> _Problem to work on_:
Among the lines below, copy each one in which "cosmetic" appears.

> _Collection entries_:
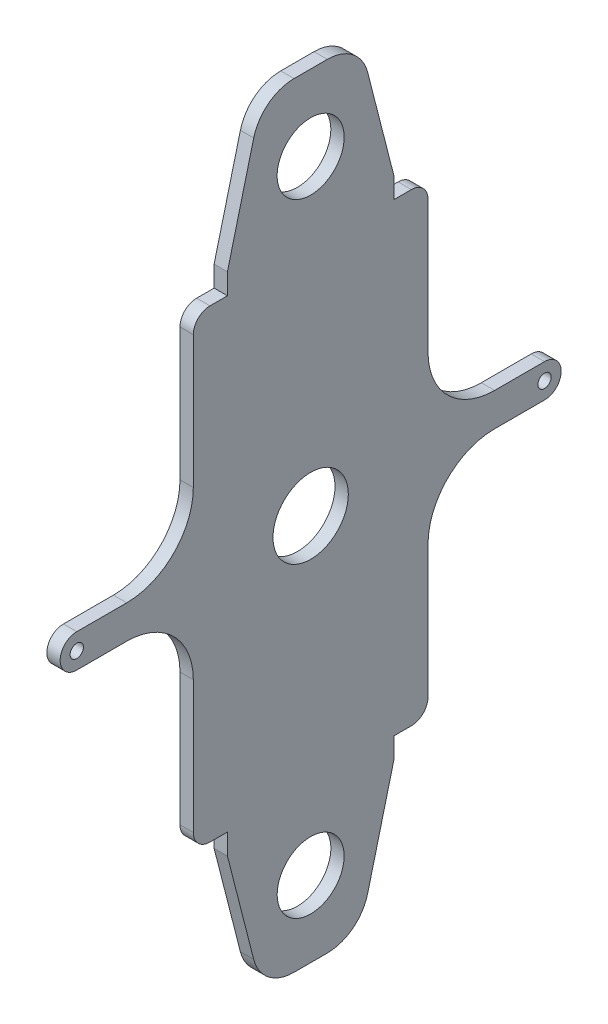
SolidWorks part; units mm, degrees
material "Q235B"
ref_plane "Front Plane" through (0, 0, 0) normal (0, 0, 1) x (1, 0, 0)
ref_plane "Top Plane" through (0, 0, 0) normal (0, 1, 0) x (1, 0, 0)
ref_plane "Right Plane" through (0, 0, 0) normal (1, 0, 0) x (0, 0, -1)
other "Configuration Table"
sketch "Sketch1" plane through (0, 0, 0) normal (1, 0, 0) x (0, 0, -1)
  line L0 (-281, 20) -> (-221, 20)
  line L1 (-141, 100) -> (-141, 279)
  line L2 (-141, 279) -> (-100, 279)
  line L3 (-100, 279) -> (-100, 304)
  line L4 (-100, 304) -> (-68.4406, 427.3897)
  line L5 (-20, 465) -> (20, 465)
  line L7 (0, 159.282) -> (0, 0) construction
  line L9 (100, 304) -> (68.4406, 427.3897)
  line L10 (100, 279) -> (100, 304)
  line L11 (141, 279) -> (100, 279)
  line L12 (141, 100) -> (141, 279)
  line L13 (281, 20) -> (221, 20)
  line L14 (281, -20) -> (221, -20)
  line L15 (141, -100) -> (141, -279)
  line L16 (141, -279) -> (100, -279)
  line L17 (100, -279) -> (100, -304)
  line L18 (100, -304) -> (68.4406, -427.3897)
  line L19 (-20, -465) -> (20, -465)
  line L20 (-100, -304) -> (-68.4406, -427.3897)
  line L21 (-100, -279) -> (-100, -304)
  line L22 (-141, -279) -> (-100, -279)
  line L23 (-141, -100) -> (-141, -279)
  line L24 (-281, -20) -> (-221, -20)
  arc A0 (-281, 20) -> (-281, -20) centre (-281, 0) ccw
  circle A1 centre (0, 374) radius 40.25
  circle A2 centre (0, 0) radius 45.25
  arc A3 (-20, 465) -> (-68.4406, 427.3897) centre (-20, 415) ccw
  arc A4 (-221, 20) -> (-141, 100) centre (-221, 100) ccw
  arc A5 (20, 465) -> (68.4406, 427.3897) centre (20, 415) cw
  arc A6 (221, 20) -> (141, 100) centre (221, 100) cw
  circle A7 centre (0, -374) radius 40.25
  arc A8 (221, -20) -> (141, -100) centre (221, -100) ccw
  arc A9 (20, -465) -> (68.4406, -427.3897) centre (20, -415) ccw
  arc A10 (-20, -465) -> (-68.4406, -427.3897) centre (-20, -415) cw
  arc A11 (-221, -20) -> (-141, -100) centre (-221, -100) cw
  arc A12 (281, -20) -> (281, 20) centre (281, 0) ccw
  circle A13 centre (20, -75) radius 4.25
  circle A14 centre (-20, -75) radius 4.25
  circle A15 centre (-20, 442) radius 3.5
  circle A16 centre (20, 442) radius 3.5
  circle A17 centre (-20, -442) radius 4.25
  circle A18 centre (20, -442) radius 4.25
  circle A19 centre (-281, 0) radius 8
  circle A20 centre (281, 0) radius 8
  point P18 (0, 465)
  dimension "D1" = 40
  dimension "D2" = 80.5
  dimension "D12" = 90.5
  dimension "D13" = 50
  dimension "D16" = 80
  dimension "D21" = 8.5
  dimension "D26" = 7
  dimension "D3" = 281
  dimension "D4" = 0
  dimension "D5" = 465
  dimension "D6" = 279
  dimension "D7" = 100
  dimension "D8" = 141
  dimension "D9" = 25
  dimension "D10" = 91
  dimension "D11" = 0
  dimension "D14" = 20
  dimension "D15" = 0
  dimension "D17" = 75
  dimension "D18" = 75
  dimension "D19" = 40
  dimension "D20" = 20
  dimension "D22" = 20
  dimension "D23" = 40
  dimension "D24" = 68
  dimension "D25" = 68
extrude "Boss-Extrude1" add sketch "Sketch1" along normal blind 16
fillet "Fillet1" radius 20 4 edges at (8, -279, -141) (8, -279, 141) (8, 279, -141) (8, 279, 141)
sketch "Sketch2" plane through (0, 0, 0) normal (-1, 0, 0) x (0, 0, 1)
  circle A1 centre (20, -442) radius 4.25 construction
  circle A2 centre (-20, -442) radius 4.25 construction
  circle A3 centre (20, -75) radius 4.25 construction
  circle A4 centre (-20, -75) radius 4.25 construction
  circle A5 centre (20, 442) radius 3.5 construction
  circle A6 centre (-20, 442) radius 3.5 construction
  circle A7 centre (20, -442) radius 4.25
  circle A8 centre (-20, -442) radius 4.25
  circle A9 centre (20, -75) radius 4.25
  circle A10 centre (-20, -75) radius 4.25
  circle A11 centre (20, 442) radius 3.5
  circle A12 centre (-20, 442) radius 3.5
extrude "Boss-Extrude2" add sketch "Sketch2" against normal up to surface (16 mm away) up to face at (16, 0, 0)
hole_wizard "M10 Tapped Hole1" positions "Sketch3" profile "Sketch4" tap size "M10" standard "GB"
sketch "Sketch3" plane through (0, 0, 0) normal (-1, 0, 0) x (0, 0, 1)
  point P0 (-20, 442)
  point P3 (20, 442)
  point P6 (-20, -75)
  point P9 (20, -75)
  point P12 (-20, -442)
  point P15 (20, -442)
sketch "Sketch4" plane through (0, 442, -20) normal (0, 1, 0) x (0, 0, 1)
  line L0 (0, 0) -> (0, 16)
  line L1 (0, 16) -> (4.25, 16)
  line L2 (4.25, 16) -> (4.25, 0)
  line L5 (4.25, 0) -> (0, 0)
  line L11 (0, -6.35) -> (0, 107.95) construction
  dimension "通孔螺纹孔钻头直径" = 8.5
  dimension "通孔螺纹孔钻头深度" = 16
cosmetic thread "Cosmetic thread1" [suppressed] parameters "D1"=20, "D2"=9.5
cosmetic thread "Cosmetic thread2" [suppressed] parameters "D1"=20, "D2"=9.5

> _Exercise output_:
cosmetic thread "Cosmetic thread1" [suppressed] parameters "D1"=20, "D2"=9.5
cosmetic thread "Cosmetic thread2" [suppressed] parameters "D1"=20, "D2"=9.5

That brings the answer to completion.